--- ACTIVITY ---
Work through the listing below and state how many of its lines hold the word "SHEAR". Give no other output.

--- INPUT ---
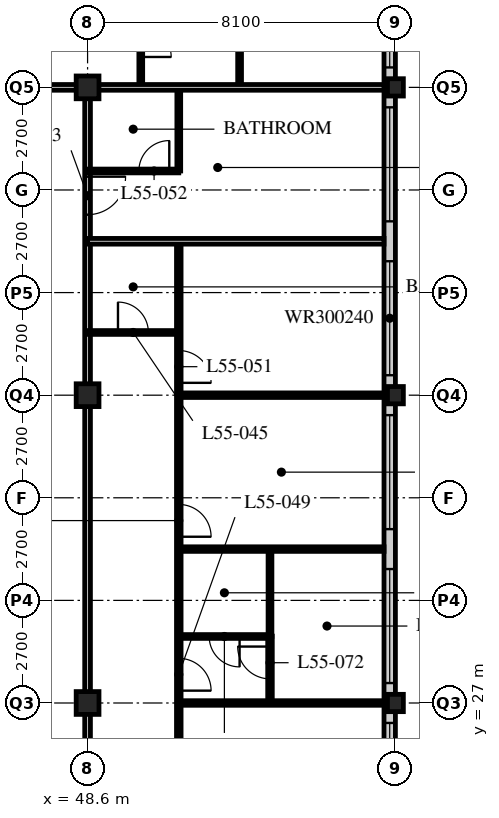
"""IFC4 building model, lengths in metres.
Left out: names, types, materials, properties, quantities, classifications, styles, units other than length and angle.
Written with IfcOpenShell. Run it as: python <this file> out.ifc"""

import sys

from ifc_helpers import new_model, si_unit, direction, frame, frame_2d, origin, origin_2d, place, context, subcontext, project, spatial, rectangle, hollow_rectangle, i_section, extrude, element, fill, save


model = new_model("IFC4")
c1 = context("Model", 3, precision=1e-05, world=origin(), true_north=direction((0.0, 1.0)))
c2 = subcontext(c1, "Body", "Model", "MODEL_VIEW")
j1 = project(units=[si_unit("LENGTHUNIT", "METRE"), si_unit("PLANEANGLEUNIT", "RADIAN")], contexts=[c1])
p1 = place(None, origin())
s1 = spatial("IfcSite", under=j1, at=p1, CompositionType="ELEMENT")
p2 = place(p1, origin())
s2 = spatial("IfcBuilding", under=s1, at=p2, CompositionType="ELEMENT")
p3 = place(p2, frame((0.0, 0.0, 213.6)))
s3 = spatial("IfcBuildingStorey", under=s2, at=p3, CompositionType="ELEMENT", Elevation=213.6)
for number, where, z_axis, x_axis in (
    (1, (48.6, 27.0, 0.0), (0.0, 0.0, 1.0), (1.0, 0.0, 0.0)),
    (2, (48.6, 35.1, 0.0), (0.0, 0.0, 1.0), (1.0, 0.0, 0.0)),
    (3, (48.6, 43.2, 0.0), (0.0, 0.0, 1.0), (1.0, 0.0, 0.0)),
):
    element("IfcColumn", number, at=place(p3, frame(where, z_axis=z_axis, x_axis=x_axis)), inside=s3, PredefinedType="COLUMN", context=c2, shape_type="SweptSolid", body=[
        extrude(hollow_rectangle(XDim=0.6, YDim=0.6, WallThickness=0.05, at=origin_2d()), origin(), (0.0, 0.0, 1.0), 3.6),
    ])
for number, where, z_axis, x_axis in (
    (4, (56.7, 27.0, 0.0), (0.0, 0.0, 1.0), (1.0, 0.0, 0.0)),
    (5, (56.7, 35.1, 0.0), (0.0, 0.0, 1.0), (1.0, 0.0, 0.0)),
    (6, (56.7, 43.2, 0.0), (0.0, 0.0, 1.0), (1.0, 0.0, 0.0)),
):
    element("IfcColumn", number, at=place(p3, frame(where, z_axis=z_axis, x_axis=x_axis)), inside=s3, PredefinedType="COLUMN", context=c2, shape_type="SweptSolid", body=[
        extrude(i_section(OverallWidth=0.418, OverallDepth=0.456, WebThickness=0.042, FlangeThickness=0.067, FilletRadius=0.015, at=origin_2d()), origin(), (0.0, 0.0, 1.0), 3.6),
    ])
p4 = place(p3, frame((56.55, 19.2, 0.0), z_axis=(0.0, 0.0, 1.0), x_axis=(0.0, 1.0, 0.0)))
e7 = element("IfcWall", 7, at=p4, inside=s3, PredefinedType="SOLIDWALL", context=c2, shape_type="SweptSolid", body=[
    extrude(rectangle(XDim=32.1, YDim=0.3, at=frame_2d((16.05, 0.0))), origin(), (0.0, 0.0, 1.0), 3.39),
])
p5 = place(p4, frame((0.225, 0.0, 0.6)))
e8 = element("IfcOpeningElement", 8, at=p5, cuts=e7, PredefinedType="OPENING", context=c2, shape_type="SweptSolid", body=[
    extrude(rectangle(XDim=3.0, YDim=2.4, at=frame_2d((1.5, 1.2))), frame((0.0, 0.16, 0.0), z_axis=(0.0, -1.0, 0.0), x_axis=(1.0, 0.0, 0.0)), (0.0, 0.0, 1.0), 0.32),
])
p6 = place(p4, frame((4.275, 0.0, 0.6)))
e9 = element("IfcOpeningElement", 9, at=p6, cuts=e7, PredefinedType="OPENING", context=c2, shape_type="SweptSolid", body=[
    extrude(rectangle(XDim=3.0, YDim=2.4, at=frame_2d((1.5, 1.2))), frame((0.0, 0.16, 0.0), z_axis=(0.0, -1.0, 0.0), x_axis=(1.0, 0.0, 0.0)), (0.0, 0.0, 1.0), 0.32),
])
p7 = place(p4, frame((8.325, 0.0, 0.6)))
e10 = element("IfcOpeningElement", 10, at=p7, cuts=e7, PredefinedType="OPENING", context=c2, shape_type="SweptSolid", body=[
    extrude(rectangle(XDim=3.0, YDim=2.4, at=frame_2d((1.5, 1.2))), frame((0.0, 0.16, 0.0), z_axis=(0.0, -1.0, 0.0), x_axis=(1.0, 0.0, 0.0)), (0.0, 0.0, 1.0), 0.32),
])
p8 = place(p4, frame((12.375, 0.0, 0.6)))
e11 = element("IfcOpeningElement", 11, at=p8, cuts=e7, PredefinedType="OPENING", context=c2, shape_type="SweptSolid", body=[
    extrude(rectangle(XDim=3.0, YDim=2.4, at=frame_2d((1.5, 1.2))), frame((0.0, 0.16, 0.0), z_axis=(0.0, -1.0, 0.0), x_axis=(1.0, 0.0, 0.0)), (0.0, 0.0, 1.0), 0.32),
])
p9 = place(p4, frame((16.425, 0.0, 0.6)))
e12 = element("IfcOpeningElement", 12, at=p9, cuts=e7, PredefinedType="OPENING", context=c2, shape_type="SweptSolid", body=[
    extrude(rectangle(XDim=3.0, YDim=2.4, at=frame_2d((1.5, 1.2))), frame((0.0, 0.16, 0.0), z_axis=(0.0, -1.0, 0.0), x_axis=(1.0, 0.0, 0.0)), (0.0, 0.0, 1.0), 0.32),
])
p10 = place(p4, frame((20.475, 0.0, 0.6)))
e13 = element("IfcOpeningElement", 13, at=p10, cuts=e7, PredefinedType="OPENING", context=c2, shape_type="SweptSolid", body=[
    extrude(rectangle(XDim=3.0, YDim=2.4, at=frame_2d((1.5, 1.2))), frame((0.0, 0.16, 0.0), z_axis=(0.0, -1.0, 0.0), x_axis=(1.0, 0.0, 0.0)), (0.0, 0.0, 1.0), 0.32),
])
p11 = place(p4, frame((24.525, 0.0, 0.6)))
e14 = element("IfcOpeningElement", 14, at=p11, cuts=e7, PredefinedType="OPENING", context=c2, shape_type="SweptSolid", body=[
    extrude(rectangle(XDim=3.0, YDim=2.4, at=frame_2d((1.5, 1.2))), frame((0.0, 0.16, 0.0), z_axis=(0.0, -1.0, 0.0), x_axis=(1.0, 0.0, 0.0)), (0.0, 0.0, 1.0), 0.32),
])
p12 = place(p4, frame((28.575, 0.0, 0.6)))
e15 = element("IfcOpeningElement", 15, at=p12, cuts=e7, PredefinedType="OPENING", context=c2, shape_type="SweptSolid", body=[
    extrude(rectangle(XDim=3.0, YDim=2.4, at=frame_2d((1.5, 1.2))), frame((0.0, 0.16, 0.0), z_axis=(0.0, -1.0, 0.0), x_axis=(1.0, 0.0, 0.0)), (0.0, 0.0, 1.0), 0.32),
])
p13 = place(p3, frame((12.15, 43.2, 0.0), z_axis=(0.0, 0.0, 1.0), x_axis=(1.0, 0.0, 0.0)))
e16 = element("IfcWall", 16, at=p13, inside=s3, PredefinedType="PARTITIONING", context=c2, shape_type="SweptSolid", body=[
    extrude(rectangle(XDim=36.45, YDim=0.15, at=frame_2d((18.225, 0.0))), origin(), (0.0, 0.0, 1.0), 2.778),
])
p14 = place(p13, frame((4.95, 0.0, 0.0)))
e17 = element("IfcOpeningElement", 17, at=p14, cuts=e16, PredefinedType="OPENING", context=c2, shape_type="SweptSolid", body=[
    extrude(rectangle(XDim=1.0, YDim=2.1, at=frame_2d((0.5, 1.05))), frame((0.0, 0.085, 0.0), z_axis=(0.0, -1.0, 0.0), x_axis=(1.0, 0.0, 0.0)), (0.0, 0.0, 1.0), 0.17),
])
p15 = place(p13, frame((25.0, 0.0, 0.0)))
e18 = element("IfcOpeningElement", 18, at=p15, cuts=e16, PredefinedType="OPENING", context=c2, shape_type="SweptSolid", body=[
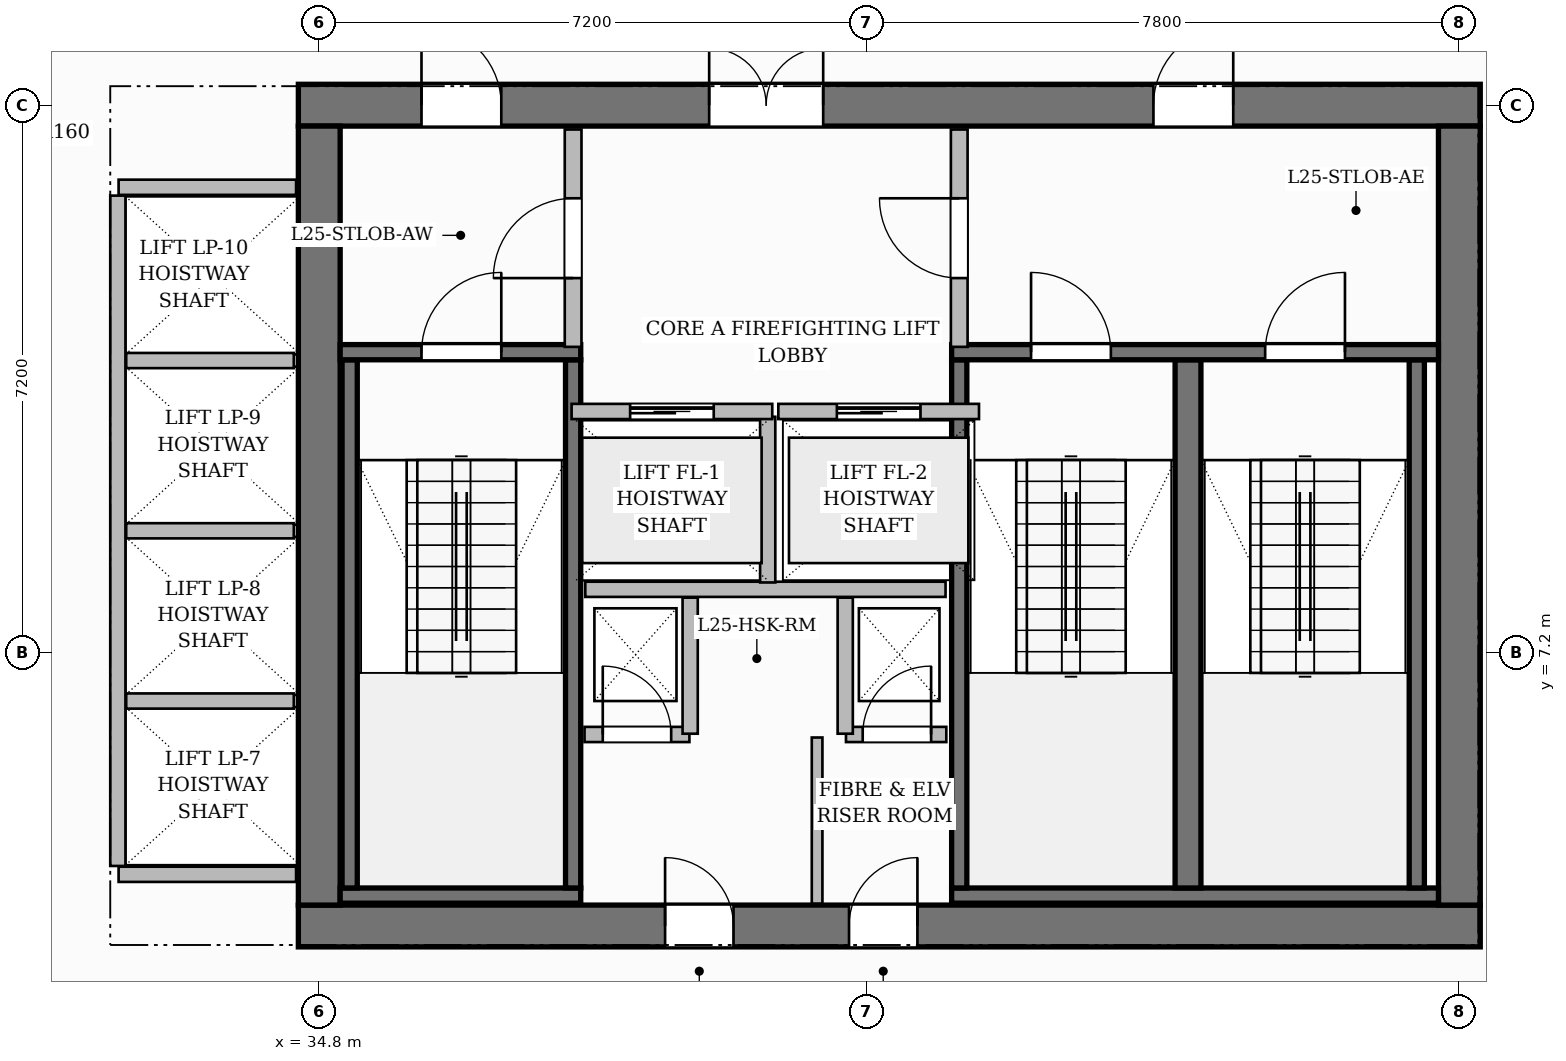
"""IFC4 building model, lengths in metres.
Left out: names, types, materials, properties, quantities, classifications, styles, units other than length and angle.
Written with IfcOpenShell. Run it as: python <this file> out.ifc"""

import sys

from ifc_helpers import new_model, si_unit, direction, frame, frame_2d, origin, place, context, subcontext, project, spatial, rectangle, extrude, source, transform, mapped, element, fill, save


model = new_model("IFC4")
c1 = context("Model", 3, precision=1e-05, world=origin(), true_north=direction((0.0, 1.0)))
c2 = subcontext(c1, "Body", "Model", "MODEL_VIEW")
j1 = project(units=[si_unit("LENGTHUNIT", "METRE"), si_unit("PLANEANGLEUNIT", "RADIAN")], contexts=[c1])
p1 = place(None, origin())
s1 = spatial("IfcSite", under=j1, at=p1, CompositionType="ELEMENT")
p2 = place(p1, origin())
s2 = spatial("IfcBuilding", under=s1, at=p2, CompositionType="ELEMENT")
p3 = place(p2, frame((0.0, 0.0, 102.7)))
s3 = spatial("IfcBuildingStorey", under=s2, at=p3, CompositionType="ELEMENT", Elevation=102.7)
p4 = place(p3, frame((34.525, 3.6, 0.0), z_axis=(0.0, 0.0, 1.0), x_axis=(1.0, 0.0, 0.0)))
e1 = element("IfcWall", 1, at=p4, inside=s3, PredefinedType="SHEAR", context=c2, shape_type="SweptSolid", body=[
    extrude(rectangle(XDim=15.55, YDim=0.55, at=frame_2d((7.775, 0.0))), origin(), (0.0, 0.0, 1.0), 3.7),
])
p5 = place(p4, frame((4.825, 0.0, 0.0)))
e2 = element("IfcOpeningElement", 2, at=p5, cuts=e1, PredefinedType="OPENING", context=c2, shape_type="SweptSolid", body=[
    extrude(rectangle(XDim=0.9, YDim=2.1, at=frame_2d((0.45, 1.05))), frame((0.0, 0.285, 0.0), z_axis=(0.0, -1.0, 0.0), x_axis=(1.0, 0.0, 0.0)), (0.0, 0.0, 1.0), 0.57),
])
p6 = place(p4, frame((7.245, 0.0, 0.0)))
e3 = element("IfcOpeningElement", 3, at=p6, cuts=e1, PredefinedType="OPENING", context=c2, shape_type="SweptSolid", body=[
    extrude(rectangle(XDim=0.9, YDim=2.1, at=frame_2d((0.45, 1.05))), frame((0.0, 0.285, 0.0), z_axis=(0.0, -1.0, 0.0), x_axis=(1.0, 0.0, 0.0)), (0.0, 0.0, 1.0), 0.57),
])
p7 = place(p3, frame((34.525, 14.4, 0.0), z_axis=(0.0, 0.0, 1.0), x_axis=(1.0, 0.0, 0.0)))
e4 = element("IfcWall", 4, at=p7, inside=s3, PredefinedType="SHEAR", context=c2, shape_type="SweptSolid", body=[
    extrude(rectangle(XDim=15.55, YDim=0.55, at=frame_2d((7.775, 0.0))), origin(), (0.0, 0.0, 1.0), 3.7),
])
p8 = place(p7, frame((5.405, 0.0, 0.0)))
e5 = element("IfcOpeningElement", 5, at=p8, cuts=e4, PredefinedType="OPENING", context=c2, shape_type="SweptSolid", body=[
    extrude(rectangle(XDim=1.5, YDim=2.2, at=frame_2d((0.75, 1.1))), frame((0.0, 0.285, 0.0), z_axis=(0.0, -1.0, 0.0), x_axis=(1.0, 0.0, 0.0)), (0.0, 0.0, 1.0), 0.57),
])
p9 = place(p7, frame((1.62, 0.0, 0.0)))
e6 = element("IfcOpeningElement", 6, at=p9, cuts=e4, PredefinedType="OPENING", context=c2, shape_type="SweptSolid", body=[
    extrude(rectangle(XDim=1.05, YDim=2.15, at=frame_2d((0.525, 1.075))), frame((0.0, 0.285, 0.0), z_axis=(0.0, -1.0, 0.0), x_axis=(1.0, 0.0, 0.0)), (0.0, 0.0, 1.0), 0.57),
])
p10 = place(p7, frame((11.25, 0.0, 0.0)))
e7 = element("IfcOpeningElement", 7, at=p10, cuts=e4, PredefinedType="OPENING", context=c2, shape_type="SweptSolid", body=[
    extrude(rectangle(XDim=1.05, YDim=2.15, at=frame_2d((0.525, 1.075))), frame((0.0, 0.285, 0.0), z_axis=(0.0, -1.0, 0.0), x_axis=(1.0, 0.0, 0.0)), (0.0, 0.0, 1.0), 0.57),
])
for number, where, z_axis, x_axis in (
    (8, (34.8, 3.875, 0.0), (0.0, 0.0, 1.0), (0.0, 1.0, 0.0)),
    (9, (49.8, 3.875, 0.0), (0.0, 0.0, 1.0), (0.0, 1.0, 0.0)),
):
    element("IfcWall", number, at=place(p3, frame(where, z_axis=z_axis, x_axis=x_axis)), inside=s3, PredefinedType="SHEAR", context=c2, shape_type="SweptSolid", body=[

--- WORKED SOLUTION ---
3